■ RECORDS TO PROCESS:
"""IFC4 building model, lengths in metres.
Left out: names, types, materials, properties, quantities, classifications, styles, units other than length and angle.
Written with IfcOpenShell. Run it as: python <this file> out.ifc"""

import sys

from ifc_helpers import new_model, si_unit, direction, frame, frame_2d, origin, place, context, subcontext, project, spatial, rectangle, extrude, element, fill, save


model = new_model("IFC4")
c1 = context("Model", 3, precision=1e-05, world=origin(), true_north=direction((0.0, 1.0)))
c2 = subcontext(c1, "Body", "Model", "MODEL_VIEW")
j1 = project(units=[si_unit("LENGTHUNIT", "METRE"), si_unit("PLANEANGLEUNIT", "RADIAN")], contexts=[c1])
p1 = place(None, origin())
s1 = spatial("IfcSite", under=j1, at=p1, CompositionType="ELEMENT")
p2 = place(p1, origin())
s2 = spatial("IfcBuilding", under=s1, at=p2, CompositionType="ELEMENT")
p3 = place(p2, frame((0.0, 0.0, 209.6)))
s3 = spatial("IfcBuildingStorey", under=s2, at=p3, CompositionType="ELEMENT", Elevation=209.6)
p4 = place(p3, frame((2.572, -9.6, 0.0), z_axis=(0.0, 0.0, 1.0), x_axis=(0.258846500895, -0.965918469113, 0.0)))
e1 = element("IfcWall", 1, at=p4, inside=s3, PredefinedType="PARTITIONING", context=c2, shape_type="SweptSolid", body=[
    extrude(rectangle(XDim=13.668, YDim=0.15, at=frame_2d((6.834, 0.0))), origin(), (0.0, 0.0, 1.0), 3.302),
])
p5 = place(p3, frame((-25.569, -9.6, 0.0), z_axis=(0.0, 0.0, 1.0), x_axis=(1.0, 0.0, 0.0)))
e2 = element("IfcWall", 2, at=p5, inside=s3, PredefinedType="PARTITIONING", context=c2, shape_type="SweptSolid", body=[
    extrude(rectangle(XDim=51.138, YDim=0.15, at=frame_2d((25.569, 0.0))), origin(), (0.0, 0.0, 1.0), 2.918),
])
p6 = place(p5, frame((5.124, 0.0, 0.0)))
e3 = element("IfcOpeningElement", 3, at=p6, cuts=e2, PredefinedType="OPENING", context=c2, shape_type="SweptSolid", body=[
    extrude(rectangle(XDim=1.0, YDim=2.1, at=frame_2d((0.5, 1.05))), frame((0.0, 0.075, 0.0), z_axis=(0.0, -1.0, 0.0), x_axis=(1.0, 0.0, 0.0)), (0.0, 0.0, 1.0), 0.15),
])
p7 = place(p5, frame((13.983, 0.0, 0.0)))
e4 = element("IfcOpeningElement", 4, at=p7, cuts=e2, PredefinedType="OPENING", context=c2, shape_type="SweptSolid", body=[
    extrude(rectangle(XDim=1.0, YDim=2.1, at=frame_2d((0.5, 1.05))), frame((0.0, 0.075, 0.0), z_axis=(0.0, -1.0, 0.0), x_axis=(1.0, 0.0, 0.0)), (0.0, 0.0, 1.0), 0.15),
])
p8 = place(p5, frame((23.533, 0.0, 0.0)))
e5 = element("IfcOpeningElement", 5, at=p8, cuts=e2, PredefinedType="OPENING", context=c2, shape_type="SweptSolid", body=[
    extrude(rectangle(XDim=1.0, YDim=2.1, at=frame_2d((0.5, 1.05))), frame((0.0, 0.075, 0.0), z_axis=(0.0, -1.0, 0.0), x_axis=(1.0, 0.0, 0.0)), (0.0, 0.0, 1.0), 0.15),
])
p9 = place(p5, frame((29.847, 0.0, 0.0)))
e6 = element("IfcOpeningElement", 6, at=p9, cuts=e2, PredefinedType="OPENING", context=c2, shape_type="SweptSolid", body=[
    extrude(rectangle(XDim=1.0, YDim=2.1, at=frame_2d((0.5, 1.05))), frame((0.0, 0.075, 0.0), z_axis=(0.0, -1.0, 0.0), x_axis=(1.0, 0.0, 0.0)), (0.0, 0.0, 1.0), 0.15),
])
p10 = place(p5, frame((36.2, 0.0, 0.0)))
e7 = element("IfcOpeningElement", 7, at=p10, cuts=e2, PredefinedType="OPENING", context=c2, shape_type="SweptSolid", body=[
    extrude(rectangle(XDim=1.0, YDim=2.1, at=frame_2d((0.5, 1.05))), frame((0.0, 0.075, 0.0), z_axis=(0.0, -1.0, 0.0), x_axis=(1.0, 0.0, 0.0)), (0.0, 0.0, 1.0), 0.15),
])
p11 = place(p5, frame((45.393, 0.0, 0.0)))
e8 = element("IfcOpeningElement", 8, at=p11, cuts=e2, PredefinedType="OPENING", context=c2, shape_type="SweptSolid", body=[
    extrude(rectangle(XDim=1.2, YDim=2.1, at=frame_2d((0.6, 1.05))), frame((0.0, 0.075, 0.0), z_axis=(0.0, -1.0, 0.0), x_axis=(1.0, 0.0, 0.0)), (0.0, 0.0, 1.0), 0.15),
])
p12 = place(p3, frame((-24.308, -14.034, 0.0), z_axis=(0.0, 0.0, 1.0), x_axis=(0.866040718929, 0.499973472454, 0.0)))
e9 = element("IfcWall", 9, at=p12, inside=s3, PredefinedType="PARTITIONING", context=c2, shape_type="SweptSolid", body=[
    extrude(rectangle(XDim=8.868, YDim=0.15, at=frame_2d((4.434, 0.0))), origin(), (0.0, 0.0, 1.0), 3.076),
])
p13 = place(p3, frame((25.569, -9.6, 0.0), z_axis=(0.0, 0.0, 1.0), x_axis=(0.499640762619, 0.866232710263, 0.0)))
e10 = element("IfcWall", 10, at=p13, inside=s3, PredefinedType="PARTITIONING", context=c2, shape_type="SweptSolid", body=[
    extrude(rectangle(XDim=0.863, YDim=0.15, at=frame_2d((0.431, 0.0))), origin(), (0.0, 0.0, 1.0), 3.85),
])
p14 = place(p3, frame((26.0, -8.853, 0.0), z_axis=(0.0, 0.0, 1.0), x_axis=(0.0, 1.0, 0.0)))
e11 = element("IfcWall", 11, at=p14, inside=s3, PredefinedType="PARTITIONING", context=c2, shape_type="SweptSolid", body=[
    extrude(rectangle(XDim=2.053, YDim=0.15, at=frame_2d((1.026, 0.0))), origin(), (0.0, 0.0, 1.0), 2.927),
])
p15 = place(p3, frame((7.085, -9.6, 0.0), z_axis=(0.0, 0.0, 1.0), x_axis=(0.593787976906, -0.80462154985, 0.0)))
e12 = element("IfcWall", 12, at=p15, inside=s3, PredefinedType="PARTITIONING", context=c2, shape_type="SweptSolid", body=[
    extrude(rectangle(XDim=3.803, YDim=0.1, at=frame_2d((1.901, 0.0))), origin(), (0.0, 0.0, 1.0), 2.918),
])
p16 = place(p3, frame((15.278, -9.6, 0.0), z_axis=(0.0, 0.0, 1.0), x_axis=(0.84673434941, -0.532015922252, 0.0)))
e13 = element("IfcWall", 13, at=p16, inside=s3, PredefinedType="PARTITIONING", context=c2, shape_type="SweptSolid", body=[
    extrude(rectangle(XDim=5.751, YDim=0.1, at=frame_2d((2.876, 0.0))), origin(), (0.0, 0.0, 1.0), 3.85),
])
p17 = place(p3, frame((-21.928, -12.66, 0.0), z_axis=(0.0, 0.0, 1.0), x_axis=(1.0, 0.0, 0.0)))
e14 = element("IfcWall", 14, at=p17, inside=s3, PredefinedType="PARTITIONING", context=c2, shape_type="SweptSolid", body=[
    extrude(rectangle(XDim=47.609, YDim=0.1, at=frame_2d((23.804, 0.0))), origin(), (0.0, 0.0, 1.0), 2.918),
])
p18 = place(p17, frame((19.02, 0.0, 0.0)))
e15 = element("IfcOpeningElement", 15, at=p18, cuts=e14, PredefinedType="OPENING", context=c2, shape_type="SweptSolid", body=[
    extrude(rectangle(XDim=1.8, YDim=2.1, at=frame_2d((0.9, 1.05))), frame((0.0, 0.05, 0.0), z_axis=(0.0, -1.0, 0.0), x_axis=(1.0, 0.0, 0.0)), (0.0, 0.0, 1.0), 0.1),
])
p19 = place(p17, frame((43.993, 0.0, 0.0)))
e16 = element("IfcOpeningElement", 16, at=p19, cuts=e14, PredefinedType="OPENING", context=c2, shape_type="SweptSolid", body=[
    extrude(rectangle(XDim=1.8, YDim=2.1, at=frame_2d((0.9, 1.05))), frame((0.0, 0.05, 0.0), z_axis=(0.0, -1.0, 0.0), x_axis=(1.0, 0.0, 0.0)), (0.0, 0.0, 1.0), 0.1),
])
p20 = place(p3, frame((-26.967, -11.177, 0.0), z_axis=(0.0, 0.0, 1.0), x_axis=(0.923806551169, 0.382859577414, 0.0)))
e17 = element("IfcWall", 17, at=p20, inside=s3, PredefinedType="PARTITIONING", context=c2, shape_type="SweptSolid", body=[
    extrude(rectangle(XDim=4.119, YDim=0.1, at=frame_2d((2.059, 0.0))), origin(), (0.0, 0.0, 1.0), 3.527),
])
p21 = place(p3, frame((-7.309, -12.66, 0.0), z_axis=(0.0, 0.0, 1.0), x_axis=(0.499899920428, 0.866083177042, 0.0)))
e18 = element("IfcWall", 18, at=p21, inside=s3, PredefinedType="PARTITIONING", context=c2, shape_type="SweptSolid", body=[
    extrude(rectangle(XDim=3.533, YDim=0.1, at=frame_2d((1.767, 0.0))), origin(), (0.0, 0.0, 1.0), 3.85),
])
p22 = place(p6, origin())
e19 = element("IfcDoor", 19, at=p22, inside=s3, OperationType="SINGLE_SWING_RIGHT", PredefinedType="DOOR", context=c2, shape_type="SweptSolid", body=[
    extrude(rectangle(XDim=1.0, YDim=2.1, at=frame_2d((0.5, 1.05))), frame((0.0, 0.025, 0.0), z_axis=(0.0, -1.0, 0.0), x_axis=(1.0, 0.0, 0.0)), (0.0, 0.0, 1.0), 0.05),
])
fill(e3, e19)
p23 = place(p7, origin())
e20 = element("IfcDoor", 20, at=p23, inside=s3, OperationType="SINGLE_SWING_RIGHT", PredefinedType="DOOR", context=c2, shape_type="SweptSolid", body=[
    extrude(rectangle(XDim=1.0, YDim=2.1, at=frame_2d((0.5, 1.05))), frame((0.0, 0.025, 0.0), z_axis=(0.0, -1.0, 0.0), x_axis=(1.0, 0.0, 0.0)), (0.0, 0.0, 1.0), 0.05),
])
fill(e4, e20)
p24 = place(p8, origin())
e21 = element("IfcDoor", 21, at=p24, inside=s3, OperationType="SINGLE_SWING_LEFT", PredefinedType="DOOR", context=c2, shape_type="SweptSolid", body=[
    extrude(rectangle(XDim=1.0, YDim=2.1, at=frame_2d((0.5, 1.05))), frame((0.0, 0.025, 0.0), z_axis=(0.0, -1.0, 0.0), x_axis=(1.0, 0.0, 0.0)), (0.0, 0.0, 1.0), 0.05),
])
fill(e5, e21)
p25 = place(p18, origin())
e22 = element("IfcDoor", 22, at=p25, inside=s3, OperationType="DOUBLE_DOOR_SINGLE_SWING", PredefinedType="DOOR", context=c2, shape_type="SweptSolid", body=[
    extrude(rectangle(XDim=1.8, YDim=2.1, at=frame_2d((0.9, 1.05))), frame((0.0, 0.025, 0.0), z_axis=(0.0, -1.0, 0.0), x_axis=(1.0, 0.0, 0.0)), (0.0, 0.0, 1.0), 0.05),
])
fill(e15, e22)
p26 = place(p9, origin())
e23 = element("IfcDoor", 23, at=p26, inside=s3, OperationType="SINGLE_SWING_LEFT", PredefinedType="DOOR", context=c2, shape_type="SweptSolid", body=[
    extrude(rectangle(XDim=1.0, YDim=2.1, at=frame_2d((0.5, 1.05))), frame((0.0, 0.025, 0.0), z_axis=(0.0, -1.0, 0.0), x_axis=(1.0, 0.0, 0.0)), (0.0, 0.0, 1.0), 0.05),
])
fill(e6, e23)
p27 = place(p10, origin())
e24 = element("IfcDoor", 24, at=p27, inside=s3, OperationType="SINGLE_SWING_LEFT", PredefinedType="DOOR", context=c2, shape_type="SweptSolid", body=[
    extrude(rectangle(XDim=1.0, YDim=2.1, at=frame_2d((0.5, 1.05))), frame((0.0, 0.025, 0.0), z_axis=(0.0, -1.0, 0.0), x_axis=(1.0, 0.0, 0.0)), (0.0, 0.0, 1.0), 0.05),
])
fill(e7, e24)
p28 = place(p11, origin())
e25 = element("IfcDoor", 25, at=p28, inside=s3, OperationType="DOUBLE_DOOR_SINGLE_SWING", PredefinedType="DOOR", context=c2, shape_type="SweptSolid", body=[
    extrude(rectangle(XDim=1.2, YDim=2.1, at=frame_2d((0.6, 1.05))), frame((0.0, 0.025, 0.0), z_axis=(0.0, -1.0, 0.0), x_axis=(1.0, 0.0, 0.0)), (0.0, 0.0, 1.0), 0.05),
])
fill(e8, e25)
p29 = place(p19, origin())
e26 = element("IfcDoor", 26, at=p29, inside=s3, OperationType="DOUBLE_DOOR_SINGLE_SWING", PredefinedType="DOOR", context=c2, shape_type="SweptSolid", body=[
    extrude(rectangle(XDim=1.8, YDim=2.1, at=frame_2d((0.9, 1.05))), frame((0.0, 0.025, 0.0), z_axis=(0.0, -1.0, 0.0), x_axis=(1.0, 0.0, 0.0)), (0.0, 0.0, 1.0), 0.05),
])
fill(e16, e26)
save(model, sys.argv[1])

■ TASK REQUIREMENTS: Go through the material above and count the lines that include "save". Give the number alone.

■ RESPONSE AREA: 2